Exercise brief: The output should be all lines of the entries below in which the word "close" occurs.

Study material:
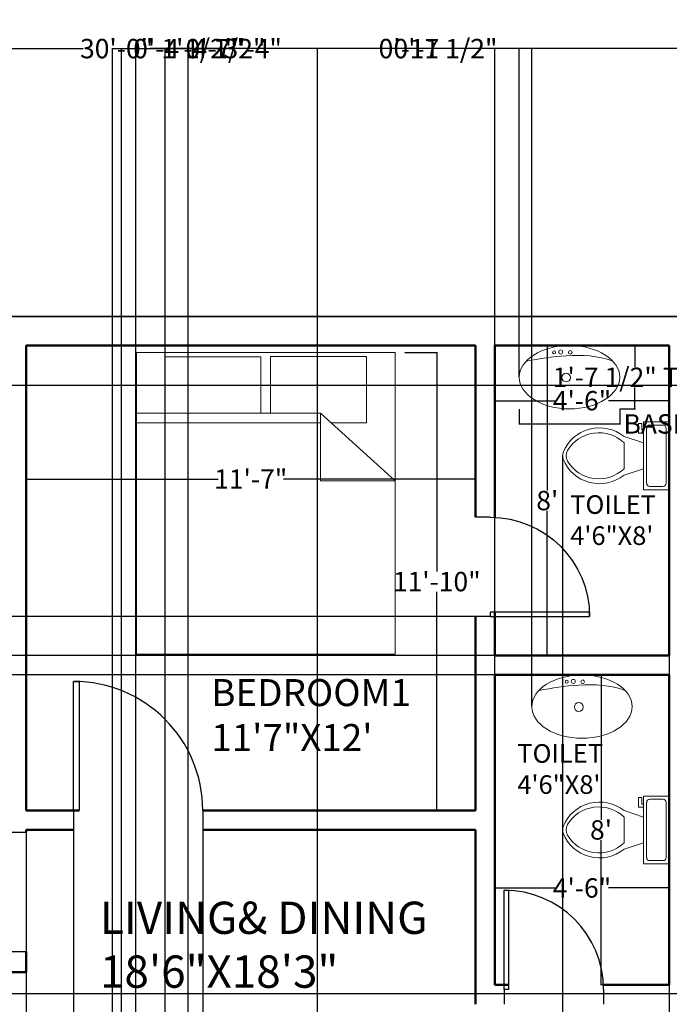
# Model space of a CAD drawing. Units: inches. Extents: x -56 to 545, y -536 to 185.
# Tile 6 of 7: x 144 to 345, y -120 to 185. Entities that reach past the tile are written whole.
import ezdxf

# ---------------------------------------------------------------- set-up
doc = ezdxf.new("R2010")
doc.units = ezdxf.units.IN
doc.header["$MEASUREMENT"] = 0
for name, color, linetype, lineweight in [('A-ANNO-DIMS', 2, 'Continuous', 18), ('A-AREA-IDEN', 4, 'Continuous', 25), ('A-DOOR', 4, 'Continuous', 25), ('A-FLOR-FIXT', 8, 'Continuous', 18), ('A-FURN', 8, 'Continuous', 18), ('A-WALL', 7, 'Continuous', 50), ('C-PROP', 7, 'Continuous', 35)]:
    doc.layers.add(name, color=color, linetype=linetype, lineweight=lineweight)
doc.styles.get("Standard").update_dxf_attribs({"font": 'arial.ttf'})
doc.dimstyles.get("Standard").update_dxf_attribs({"dimtxt": 6, "dimasz": 0.18, "dimexe": 0.18, "dimexo": 0.0625, "dimgap": 0.09, "dimtad": 0, "dimtih": 1, "dimtoh": 1, "dimdec": 0, "dimzin": 0, "dimdsep": 46, "dimlunit": 3, "dimtxsty": 'Standard', "dimcen": 0.09, "dimclrd": 3, "dimclre": 3, "dimclrt": 3, "dimadec": 0, "dimazin": 0, "dimtfac": 1, "dimtdec": 0, "dimtofl": 0, "dimtmove": 0, "dimatfit": 3, "dimfxl": 1, "dimtolj": 1, "dimtzin": 0, "dimarcsym": 0})

# ---------------------------------------------------------------- blocks, each defined once
blk = doc.blocks.new('CAMAKING')
for points in [[(0.8635, 0), (-0.8635, 0)], [(-0.8635, -2.0147), (-0.8635, 0)], [(0.8635, 0), (0.8635, -2.0147)], [(-0.6723, -0.4077), (-0.6723, -0.0281)], [(-0.6723, -0.0281), (-0.0328, -0.0281)], [(-0.0328, -0.0281), (-0.0328, -0.4077)], [(0.6716, -0.027), (0.0319, -0.027)], [(0.0319, -0.027), (0.0319, -0.4077)], [(0.6716, -0.4686), (0.6716, -0.027)], [(0.3645, -0.4056), (-0.8635, -0.4056)], [(0.8635, -0.857), (0.3645, -0.4056)], [(0.3645, -0.4702), (0.3645, -0.4056)], [(-0.8635, -0.4702), (0.3645, -0.4702)], [(0.3645, -0.4702), (0.3645, -0.857)], [(0.4362, -0.4686), (0.6716, -0.4686)], [(0.3645, -0.857), (0.8635, -0.857)], [(0.8635, -2.0147), (-0.8635, -2.0147)]]:
    blk.add_lwpolyline(points)
blk = doc.blocks.new('*U5')
for p, q in [((9.5, -6), (9.5, -2)), ((-10, -8.5), (-8, -8.5)), ((-10, -9.5), (-10, -8.5)), ((-8, -8.5), (-8, -8)), ((-7, -8), (-7, -9.5)), ((-4, -8), (-6, -14)), ((4, -8), (6, -14)), ((-7, -9.5), (-10, -9.5)), ((4, -14), (-4, -14))]:
    blk.add_line(p, q)
blk.add_lwpolyline([(10.5, -8), (10.5, 0), (-10.5, 0), (-10.5, -8)], close=True)
for points in [[(-9.5, -2), (-9.5, -6)], [(8.5, -1), (-8.5, -1)], [(-8.5, -7), (8.5, -7)]]:
    blk.add_lwpolyline(points)
for centre, radius, start, end in [((-8.62, -1.88), 0.884, 81.8699, 188.1301), ((8.62, -1.88), 0.884, 351.8699, 98.1301), ((-8.62, -6.12), 0.884, 171.8699, 278.1301), ((8.62, -6.12), 0.884, 261.8699, 8.1301), ((3.52, -21.58), 12.17, 141.4691, 247.9714), ((4.2, -21.82), 11.33, 136.3677, 238.9468), ((-3.52, -21.58), 12.17, 292.0284, 38.5307), ((-4.2, -21.82), 11.33, 301.053, 43.6321), ((0, -27.88), 4, 245.7318, 294.2682), ((0, -29), 4, 254.8605, 285.1395)]:
    blk.add_arc(centre, radius, start, end)
blk = doc.blocks.new('*U7')
for p, q in [((0, 0), (0, -6)), ((40, 0), (40, -6))]:
    blk.add_line(p, q)
blk.add_lwpolyline([(0, 0), (0, 40), (1.75, 40), (1.75, 0)], close=True)
blk.add_arc((0, 0), 40, 0, 90)
blk = doc.blocks.new('*D26')
at = {"layer": 'A-ANNO-DIMS', "color": 0, "lineweight": -2, "transparency": 16777216}
for p, q in [((146.03, 50.03), (146.03, 42.62)), ((285.03, 50.03), (285.03, 42.62)), ((146.21, 42.8), (205.42, 42.8)), ((284.85, 42.8), (225.65, 42.8))]:
    blk.add_line(p, q, dxfattribs=at)
at = {"layer": 'A-ANNO-DIMS', "color": 0, "transparency": 16777216}
for points in [[(146.21, 42.83), (146.21, 42.77), (146.03, 42.8)], [(284.85, 42.83), (284.85, 42.77), (285.03, 42.8)]]:
    blk.add_solid(points, dxfattribs=at)
at = {"layer": 'Defpoints', "color": 0, "transparency": 16777216}
for p in [(146.03, 50.1), (285.03, 50.1), (285.03, 42.8)]:
    blk.add_point(p, dxfattribs=at)
at = {"layer": 'A-ANNO-DIMS', "color": 0, "transparency": 16777216, "insert": (215.53, 42.8), "char_height": 6, "attachment_point": 5}
blk.add_mtext('\\A1;11\'-7"', dxfattribs=at)
blk = doc.blocks.new('*D27')
at = {"layer": 'A-ANNO-DIMS', "color": 0, "lineweight": -2, "transparency": 16777216}
for p, q in [((263.2, 81.99), (273.28, 81.99)), ((273.1, 81.81), (273.1, 14.23)), ((273.1, -59.66), (273.1, 7.92)), ((263.2, -59.84), (273.28, -59.84))]:
    blk.add_line(p, q, dxfattribs=at)
at = {"layer": 'A-ANNO-DIMS', "color": 0, "transparency": 16777216}
for points in [[(273.07, 81.81), (273.13, 81.81), (273.1, 81.99)], [(273.07, -59.66), (273.13, -59.66), (273.1, -59.84)]]:
    blk.add_solid(points, dxfattribs=at)
at = {"layer": 'Defpoints', "color": 0, "transparency": 16777216}
for p in [(263.14, 81.99), (273.1, 81.99), (263.14, -59.84)]:
    blk.add_point(p, dxfattribs=at)
at = {"layer": 'A-ANNO-DIMS', "color": 0, "transparency": 16777216, "insert": (273.1, 11.07), "char_height": 6, "attachment_point": 5}
blk.add_mtext('\\A1;11\'-10"', dxfattribs=at)
blk = doc.blocks.new('*D28')
at = {"layer": 'A-ANNO-DIMS', "color": 0, "lineweight": -2, "transparency": 16777216}
for p, q in [((291.03, 50.82), (291.03, 67.26)), ((291.21, 67.08), (309.85, 67.08)), ((344.85, 67.08), (326.22, 67.08)), ((345.03, 50.09), (345.03, 67.26))]:
    blk.add_line(p, q, dxfattribs=at)
at = {"layer": 'A-ANNO-DIMS', "color": 0, "transparency": 16777216}
for points in [[(291.21, 67.11), (291.21, 67.05), (291.03, 67.08)], [(344.85, 67.11), (344.85, 67.05), (345.03, 67.08)]]:
    blk.add_solid(points, dxfattribs=at)
at = {"layer": 'Defpoints', "color": 0, "transparency": 16777216}
for p in [(345.03, 67.08), (291.03, 50.76), (345.03, 50.03)]:
    blk.add_point(p, dxfattribs=at)
at = {"layer": 'A-ANNO-DIMS', "color": 0, "transparency": 16777216, "insert": (318.03, 67.08), "char_height": 6, "attachment_point": 5}
blk.add_mtext('\\A1;4\'-6"', dxfattribs=at)
blk = doc.blocks.new('*D29')
at = {"layer": 'A-ANNO-DIMS', "color": 0, "lineweight": -2, "transparency": 16777216}
for p, q in [((335.97, 84.16), (307.11, 84.16)), ((307.29, 83.98), (307.29, 39.31)), ((307.29, -11.66), (307.29, 33.01)), ((335.97, -11.84), (307.11, -11.84))]:
    blk.add_line(p, q, dxfattribs=at)
at = {"layer": 'A-ANNO-DIMS', "color": 0, "transparency": 16777216}
for points in [[(307.26, 83.98), (307.32, 83.98), (307.29, 84.16)], [(307.26, -11.66), (307.32, -11.66), (307.29, -11.84)]]:
    blk.add_solid(points, dxfattribs=at)
at = {"layer": 'Defpoints', "color": 0, "transparency": 16777216}
for p in [(336.04, 84.16), (307.29, -11.84), (336.04, -11.84)]:
    blk.add_point(p, dxfattribs=at)
at = {"layer": 'A-ANNO-DIMS', "color": 0, "transparency": 16777216, "insert": (307.29, 36.16), "char_height": 6, "attachment_point": 5}
blk.add_mtext("\\A1;8'", dxfattribs=at)
blk = doc.blocks.new('*D30')
at = {"layer": 'A-ANNO-DIMS', "color": 0, "lineweight": -2, "transparency": 16777216}
for p, q in [((291.03, -35.73), (291.03, -83.99)), ((345.03, -35.73), (345.03, -83.99)), ((291.21, -83.81), (309.85, -83.81)), ((344.85, -83.81), (326.22, -83.81))]:
    blk.add_line(p, q, dxfattribs=at)
at = {"layer": 'A-ANNO-DIMS', "color": 0, "transparency": 16777216}
for points in [[(291.21, -83.78), (291.21, -83.84), (291.03, -83.81)], [(344.85, -83.78), (344.85, -83.84), (345.03, -83.81)]]:
    blk.add_solid(points, dxfattribs=at)
at = {"layer": 'Defpoints', "color": 0, "transparency": 16777216}
for p in [(291.03, -35.67), (345.03, -35.67), (345.03, -83.81)]:
    blk.add_point(p, dxfattribs=at)
at = {"layer": 'A-ANNO-DIMS', "color": 0, "transparency": 16777216, "insert": (318.03, -83.81), "char_height": 6, "attachment_point": 5}
blk.add_mtext('\\A1;4\'-6"', dxfattribs=at)
blk = doc.blocks.new('*D31')
at = {"layer": 'A-ANNO-DIMS', "color": 0, "lineweight": -2, "transparency": 16777216}
for p, q in [((340.5, -17.84), (323.74, -17.84)), ((323.92, -18.02), (323.92, -62.69)), ((323.92, -113.66), (323.92, -68.99)), ((340.5, -113.84), (323.74, -113.84))]:
    blk.add_line(p, q, dxfattribs=at)
at = {"layer": 'A-ANNO-DIMS', "color": 0, "transparency": 16777216}
for points in [[(323.89, -18.02), (323.95, -18.02), (323.92, -17.84)], [(323.89, -113.66), (323.95, -113.66), (323.92, -113.84)]]:
    blk.add_solid(points, dxfattribs=at)
at = {"layer": 'Defpoints', "color": 0, "transparency": 16777216}
for p in [(340.57, -17.84), (323.92, -113.84), (340.57, -113.84)]:
    blk.add_point(p, dxfattribs=at)
at = {"layer": 'A-ANNO-DIMS', "color": 0, "transparency": 16777216, "insert": (323.92, -65.84), "char_height": 6, "attachment_point": 5}
blk.add_mtext("\\A1;8'", dxfattribs=at)
blk = doc.blocks.new('LAV-OVAL')
for centre, radius in [((-4.76, 7.71), 0.472), ((-2.71, 7.81), 0.633), ((0.21, 7.71), 0.565), ((-1.02, -0.12), 1.35)]:
    blk.add_circle(centre, radius)
blk.add_ellipse((0, 0), major_axis=(-15.53, 0), ratio=0.631418)
blk.add_open_spline([(-13.36, 5), (-9.28, 5.7), (-0.46, 7.23), (8.86, 6.68), (13.36, 5)], degree=3, knots=[0, 0, 0, 0, 12.471835, 26.932887, 26.932887, 26.932887, 26.932887])
blk = doc.blocks.new('*D39')
at = {"layer": 'A-ANNO-DIMS', "color": 3, "lineweight": -2, "transparency": 16777216}
for p, q in [((298.63, 64.49), (298.63, 59.71)), ((329.69, 64.49), (329.69, 59.71)), ((298.81, 59.89), (329.51, 59.89)), ((329.69, 59.89), (329.87, 59.89))]:
    blk.add_line(p, q, dxfattribs=at)
at = {"layer": 'A-ANNO-DIMS', "color": 3, "transparency": 16777216}
for points in [[(298.81, 59.92), (298.81, 59.86), (298.63, 59.89)], [(329.51, 59.92), (329.51, 59.86), (329.69, 59.89)]]:
    blk.add_solid(points, dxfattribs=at)
at = {"layer": 'Defpoints', "color": 0, "transparency": 16777216}
for p in [(298.63, 64.55), (329.69, 64.55), (329.69, 59.89)]:
    blk.add_point(p, dxfattribs=at)
at = {"layer": 'A-ANNO-DIMS', "color": 3, "transparency": 16777216, "insert": (361.86, 59.89), "char_height": 6, "attachment_point": 5}
blk.add_mtext('\\A1;BASIN 2\'-7" TYP.', dxfattribs=at)
blk = doc.blocks.new('*D40')
at = {"layer": 'A-ANNO-DIMS', "color": 3, "lineweight": -2, "transparency": 16777216}
for p, q in [((329.75, 84.16), (334.53, 84.16)), ((334.35, 83.98), (334.35, 77.55)), ((334.35, 64.73), (334.35, 71.16)), ((329.75, 64.55), (334.53, 64.55))]:
    blk.add_line(p, q, dxfattribs=at)
at = {"layer": 'A-ANNO-DIMS', "color": 3, "transparency": 16777216}
for points in [[(334.32, 83.98), (334.38, 83.98), (334.35, 84.16)], [(334.32, 64.73), (334.38, 64.73), (334.35, 64.55)]]:
    blk.add_solid(points, dxfattribs=at)
at = {"layer": 'Defpoints', "color": 0, "transparency": 16777216}
for p in [(329.69, 84.16), (334.35, 84.16), (329.69, 64.55)]:
    blk.add_point(p, dxfattribs=at)
at = {"layer": 'A-ANNO-DIMS', "color": 3, "transparency": 16777216, "insert": (334.35, 74.35), "char_height": 6, "attachment_point": 5}
blk.add_mtext('\\A1;1\'-7 1/2" TYP.', dxfattribs=at)
blk = doc.blocks.new('*D55')
at = {"layer": 'A-ANNO-DIMS', "color": 3, "lineweight": -2, "transparency": 16777216}
for p, q in [((290.97, -11.84), (-38.11, -11.84)), ((-37.93, -12.02), (-37.93, -17.66)), ((290.97, -17.84), (-38.11, -17.84)), ((-37.93, -18.02), (-38.11, -18.02)), ((-37.93, -17.84), (-37.93, -18.02))]:
    blk.add_line(p, q, dxfattribs=at)
at = {"layer": 'A-ANNO-DIMS', "color": 3, "transparency": 16777216}
for points in [[(-37.96, -12.02), (-37.9, -12.02), (-37.93, -11.84)], [(-37.96, -17.66), (-37.9, -17.66), (-37.93, -17.84)]]:
    blk.add_solid(points, dxfattribs=at)
at = {"layer": 'Defpoints', "color": 0, "transparency": 16777216}
for p in [(291.03, -11.84), (-37.93, -17.84), (291.03, -17.84)]:
    blk.add_point(p, dxfattribs=at)
at = {"layer": 'A-ANNO-DIMS', "color": 3, "transparency": 16777216, "insert": (-46.18, -18.02), "char_height": 6, "attachment_point": 5}
blk.add_mtext('\\A1;0\'-6"', dxfattribs=at)
blk = doc.blocks.new('*D61')
at = {"layer": 'A-ANNO-DIMS', "color": 3, "lineweight": -2, "transparency": 16777216}
for p, q in [((175.54, -345.78), (175.54, 176.3)), ((175.72, 176.12), (179.85, 176.12)), ((180.03, -345.78), (180.03, 176.3)), ((180.03, 176.12), (180.21, 176.12))]:
    blk.add_line(p, q, dxfattribs=at)
at = {"layer": 'A-ANNO-DIMS', "color": 3, "transparency": 16777216}
for points in [[(175.72, 176.15), (175.72, 176.09), (175.54, 176.12)], [(179.85, 176.15), (179.85, 176.09), (180.03, 176.12)]]:
    blk.add_solid(points, dxfattribs=at)
at = {"layer": 'Defpoints', "color": 0, "transparency": 16777216}
for p in [(180.03, 176.12), (175.54, -345.84), (180.03, -345.84)]:
    blk.add_point(p, dxfattribs=at)
at = {"layer": 'A-ANNO-DIMS', "color": 3, "transparency": 16777216, "insert": (195.27, 176.12), "char_height": 6, "attachment_point": 5}
blk.add_mtext('\\A1;0\'-4 1/2"', dxfattribs=at)
blk = doc.blocks.new('*D62')
at = {"layer": 'A-ANNO-DIMS', "color": 3, "lineweight": -2, "transparency": 16777216}
for p, q in [((196.14, -419.78), (196.14, 176.3)), ((196.32, 176.12), (208.08, 176.12)), ((235.96, 176.12), (224.21, 176.12)), ((236.14, -419.78), (236.14, 176.3))]:
    blk.add_line(p, q, dxfattribs=at)
at = {"layer": 'A-ANNO-DIMS', "color": 3, "transparency": 16777216}
for points in [[(196.32, 176.15), (196.32, 176.09), (196.14, 176.12)], [(235.96, 176.15), (235.96, 176.09), (236.14, 176.12)]]:
    blk.add_solid(points, dxfattribs=at)
at = {"layer": 'Defpoints', "color": 0, "transparency": 16777216}
for p in [(236.14, 176.12), (196.14, -419.84), (236.14, -419.84)]:
    blk.add_point(p, dxfattribs=at)
at = {"layer": 'A-ANNO-DIMS', "color": 3, "transparency": 16777216, "insert": (216.14, 176.12), "char_height": 6, "attachment_point": 5}
blk.add_mtext('\\A1;3\'-4"', dxfattribs=at)
blk = doc.blocks.new('*D63')
at = {"layer": 'A-ANNO-DIMS', "color": 3, "lineweight": -2, "transparency": 16777216}
for p, q in [((189.03, -410.78), (189.03, 176.3)), ((189.21, 176.12), (195.96, 176.12)), ((196.14, -419.78), (196.14, 176.3)), ((196.14, 176.12), (196.32, 176.12))]:
    blk.add_line(p, q, dxfattribs=at)
at = {"layer": 'A-ANNO-DIMS', "color": 3, "transparency": 16777216}
for points in [[(189.21, 176.15), (189.21, 176.09), (189.03, 176.12)], [(195.96, 176.15), (195.96, 176.09), (196.14, 176.12)]]:
    blk.add_solid(points, dxfattribs=at)
at = {"layer": 'Defpoints', "color": 0, "transparency": 16777216}
for p in [(196.14, 176.12), (189.03, -410.84), (196.14, -419.84)]:
    blk.add_point(p, dxfattribs=at)
at = {"layer": 'A-ANNO-DIMS', "color": 3, "transparency": 16777216, "insert": (204.39, 176.12), "char_height": 6, "attachment_point": 5}
blk.add_mtext('\\A1;0\'-7"', dxfattribs=at)
blk = doc.blocks.new('*D65')
at = {"layer": 'A-ANNO-DIMS', "color": 3, "lineweight": -2, "transparency": 16777216}
for p, q in [((160.69, -65.9), (160.69, -526.99)), ((200.69, -65.9), (200.69, -526.99)), ((160.87, -526.81), (172.63, -526.81)), ((200.51, -526.81), (188.76, -526.81))]:
    blk.add_line(p, q, dxfattribs=at)
at = {"layer": 'A-ANNO-DIMS', "color": 3, "transparency": 16777216}
for points in [[(160.87, -526.78), (160.87, -526.84), (160.69, -526.81)], [(200.51, -526.78), (200.51, -526.84), (200.69, -526.81)]]:
    blk.add_solid(points, dxfattribs=at)
at = {"layer": 'Defpoints', "color": 0, "transparency": 16777216}
for p in [(160.69, -65.84), (200.69, -65.84), (200.69, -526.81)]:
    blk.add_point(p, dxfattribs=at)
at = {"layer": 'A-ANNO-DIMS', "color": 3, "transparency": 16777216, "insert": (180.69, -526.81), "char_height": 6, "attachment_point": 5}
blk.add_mtext('\\A1;3\'-4"', dxfattribs=at)
blk = doc.blocks.new('*D66')
at = {"layer": 'A-ANNO-DIMS', "color": 3, "lineweight": -2, "transparency": 16777216}
for p, q in [((146.03, -65.9), (146.03, -526.99)), ((160.69, -65.9), (160.69, -526.99)), ((146.21, -526.81), (160.51, -526.81)), ((160.69, -526.81), (160.87, -526.81))]:
    blk.add_line(p, q, dxfattribs=at)
at = {"layer": 'A-ANNO-DIMS', "color": 3, "transparency": 16777216}
for points in [[(146.21, -526.78), (146.21, -526.84), (146.03, -526.81)], [(160.51, -526.78), (160.51, -526.84), (160.69, -526.81)]]:
    blk.add_solid(points, dxfattribs=at)
at = {"layer": 'Defpoints', "color": 0, "transparency": 16777216}
for p in [(146.03, -65.84), (160.69, -65.84), (160.69, -526.81)]:
    blk.add_point(p, dxfattribs=at)
at = {"layer": 'A-ANNO-DIMS', "color": 3, "transparency": 16777216, "insert": (175.65, -526.81), "char_height": 6, "attachment_point": 5}
blk.add_mtext('\\A1;1\'-2 1/2"', dxfattribs=at)
blk = doc.blocks.new('*D68')
at = {"layer": 'A-ANNO-DIMS', "color": 3, "lineweight": -2, "transparency": 16777216}
for p, q in [((172.76, -229.78), (172.76, 176.3)), ((172.94, 176.12), (188.85, 176.12)), ((189.03, -229.78), (189.03, 176.3)), ((189.03, 176.12), (189.21, 176.12))]:
    blk.add_line(p, q, dxfattribs=at)
at = {"layer": 'A-ANNO-DIMS', "color": 3, "transparency": 16777216}
for points in [[(172.94, 176.15), (172.94, 176.09), (172.76, 176.12)], [(188.85, 176.15), (188.85, 176.09), (189.03, 176.12)]]:
    blk.add_solid(points, dxfattribs=at)
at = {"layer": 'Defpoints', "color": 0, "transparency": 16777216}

Output for this task:
blk.add_lwpolyline([(10.5, -8), (10.5, 0), (-10.5, 0), (-10.5, -8)], close=True)
blk.add_lwpolyline([(0, 0), (0, 40), (1.75, 40), (1.75, 0)], close=True)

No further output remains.